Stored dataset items
============================================================

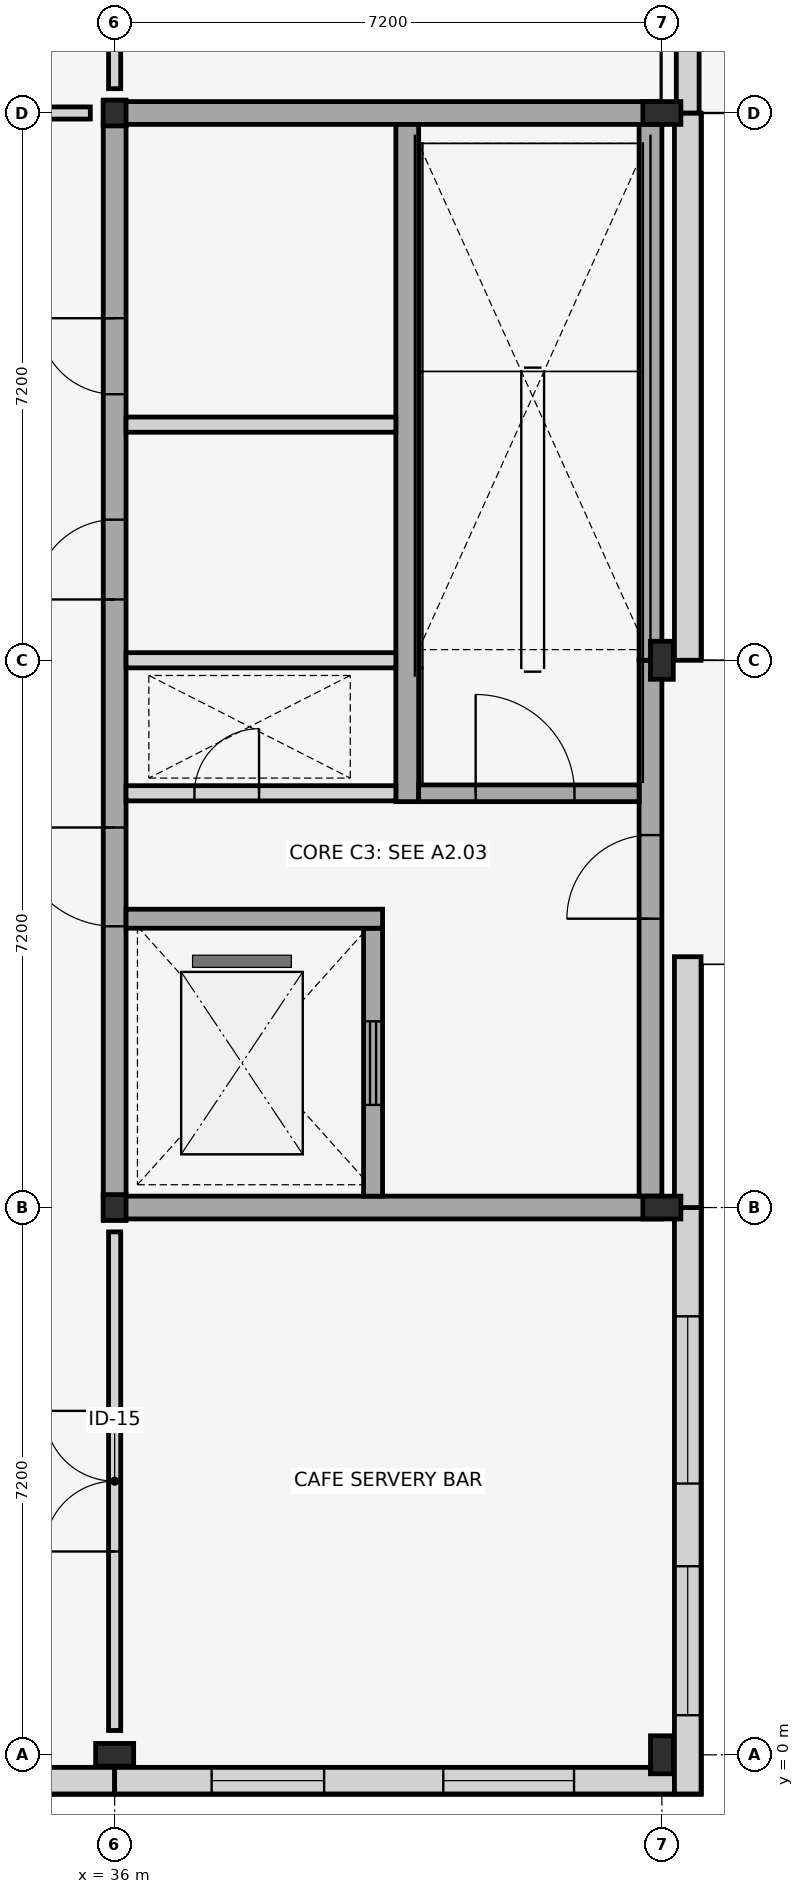
"""IFC4 building model, lengths in metres.
Left out: names, types, materials, properties, quantities, classifications, styles, units other than length and angle.
Written with IfcOpenShell. Run it as: python <this file> out.ifc"""

import sys

from ifc_helpers import new_model, si_unit, direction, frame, frame_2d, origin, origin_2d, place, context, subcontext, project, spatial, rectangle, i_section, extrude, element, fill, save


model = new_model("IFC4")
c1 = context("Model", 3, precision=1e-05, world=origin(), true_north=direction((0.0, 1.0)))
c2 = subcontext(c1, "Body", "Model", "MODEL_VIEW")
j1 = project(units=[si_unit("LENGTHUNIT", "METRE"), si_unit("PLANEANGLEUNIT", "RADIAN")], contexts=[c1])
p1 = place(None, origin())
s1 = spatial("IfcSite", under=j1, at=p1, CompositionType="ELEMENT")
p2 = place(p1, origin())
s2 = spatial("IfcBuilding", under=s1, at=p2, CompositionType="ELEMENT")
p3 = place(p2, origin())
s3 = spatial("IfcBuildingStorey", under=s2, at=p3, CompositionType="ELEMENT", Elevation=0.0)
p4 = place(p3, frame((36.0, 0.0, 0.0), z_axis=(0.0, 0.0, 1.0), x_axis=(0.0, 1.0, 0.0)))
e1 = element("IfcColumn", 1, at=p4, inside=s3, PredefinedType="COLUMN", context=c2, shape_type="SweptSolid", body=[
    extrude(i_section(OverallWidth=0.3, OverallDepth=0.5, WebThickness=0.014, FlangeThickness=0.028, FilletRadius=0.027, at=origin_2d()), origin(), (0.0, 0.0, 1.0), 4.5),
])
for number, where, z_axis, x_axis in (
    (2, (36.0, 7.2, 0.0), (0.0, 0.0, 1.0), (1.0, 0.0, 0.0)),
    (3, (36.0, 21.6, 0.0), (0.0, 0.0, 1.0), (1.0, 0.0, 0.0)),
):
    element("IfcColumn", number, at=place(p3, frame(where, z_axis=z_axis, x_axis=x_axis)), inside=s3, PredefinedType="COLUMN", context=c2, shape_type="SweptSolid", body=[
        extrude(i_section(OverallWidth=0.3, OverallDepth=0.34, WebThickness=0.012, FlangeThickness=0.021, FilletRadius=0.027, at=origin_2d()), origin(), (0.0, 0.0, 1.0), 4.5),
    ])
for number, where, z_axis, x_axis in (
    (4, (43.2, 0.0, 0.0), (0.0, 0.0, 1.0), (1.0, 0.0, 0.0)),
    (5, (43.2, 7.2, 0.0), (0.0, 0.0, 1.0), (0.0, 1.0, 0.0)),
    (6, (43.2, 14.4, 0.0), (0.0, 0.0, 1.0), (1.0, 0.0, 0.0)),
    (7, (43.2, 21.6, 0.0), (0.0, 0.0, 1.0), (0.0, 1.0, 0.0)),
):
    element("IfcColumn", number, at=place(p3, frame(where, z_axis=z_axis, x_axis=x_axis)), inside=s3, PredefinedType="COLUMN", context=c2, shape_type="SweptSolid", body=[
        extrude(i_section(OverallWidth=0.3, OverallDepth=0.5, WebThickness=0.014, FlangeThickness=0.028, FilletRadius=0.027, at=origin_2d()), origin(), (0.0, 0.0, 1.0), 4.5),
    ])
p5 = place(p3, frame((28.8, -0.34, 0.0), z_axis=(0.0, 0.0, 1.0), x_axis=(1.0, 0.0, 0.0)))
e8 = element("IfcWall", 8, at=p5, inside=s3, PredefinedType="STANDARD", context=c2, shape_type="SweptSolid", body=[
    extrude(rectangle(XDim=7.2, YDim=0.35, at=frame_2d((3.6, 0.0))), origin(), (0.0, 0.0, 1.0), 4.5),
])
p6 = place(p5, frame((1.516, 0.0, 0.9)))
e9 = element("IfcOpeningElement", 9, at=p6, cuts=e8, PredefinedType="OPENING", context=c2, shape_type="SweptSolid", body=[
    extrude(rectangle(XDim=1.0, YDim=2.1, at=frame_2d((0.5, 1.05))), frame((0.0, 0.185, 0.0), z_axis=(0.0, -1.0, 0.0), x_axis=(1.0, 0.0, 0.0)), (0.0, 0.0, 1.0), 0.37),
])
p7 = place(p5, frame((4.564, 0.0, 0.9)))
e10 = element("IfcOpeningElement", 10, at=p7, cuts=e8, PredefinedType="OPENING", context=c2, shape_type="SweptSolid", body=[
    extrude(rectangle(XDim=1.24, YDim=2.1, at=frame_2d((0.62, 1.05))), frame((0.0, 0.185, 0.0), z_axis=(0.0, -1.0, 0.0), x_axis=(1.0, 0.0, 0.0)), (0.0, 0.0, 1.0), 0.37),
])
p8 = place(p3, frame((36.0, -0.34, 0.0), z_axis=(0.0, 0.0, 1.0), x_axis=(1.0, 0.0, 0.0)))
e11 = element("IfcWall", 11, at=p8, inside=s3, PredefinedType="STANDARD", context=c2, shape_type="SweptSolid", body=[
    extrude(rectangle(XDim=7.365, YDim=0.35, at=frame_2d((3.683, 0.0))), origin(), (0.0, 0.0, 1.0), 4.5),
])
p9 = place(p8, frame((1.276, 0.0, 0.9)))
e12 = element("IfcOpeningElement", 12, at=p9, cuts=e11, PredefinedType="OPENING", context=c2, shape_type="SweptSolid", body=[
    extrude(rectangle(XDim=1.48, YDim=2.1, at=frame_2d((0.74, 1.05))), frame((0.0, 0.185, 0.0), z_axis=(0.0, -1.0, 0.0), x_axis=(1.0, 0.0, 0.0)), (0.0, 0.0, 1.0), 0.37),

============================================================

**What is being asked**
If a line of the records above holds the word "STANDARD", show it.

**Finished exercise**
e8 = element("IfcWall", 8, at=p5, inside=s3, PredefinedType="STANDARD", context=c2, shape_type="SweptSolid", body=[
e11 = element("IfcWall", 11, at=p8, inside=s3, PredefinedType="STANDARD", context=c2, shape_type="SweptSolid", body=[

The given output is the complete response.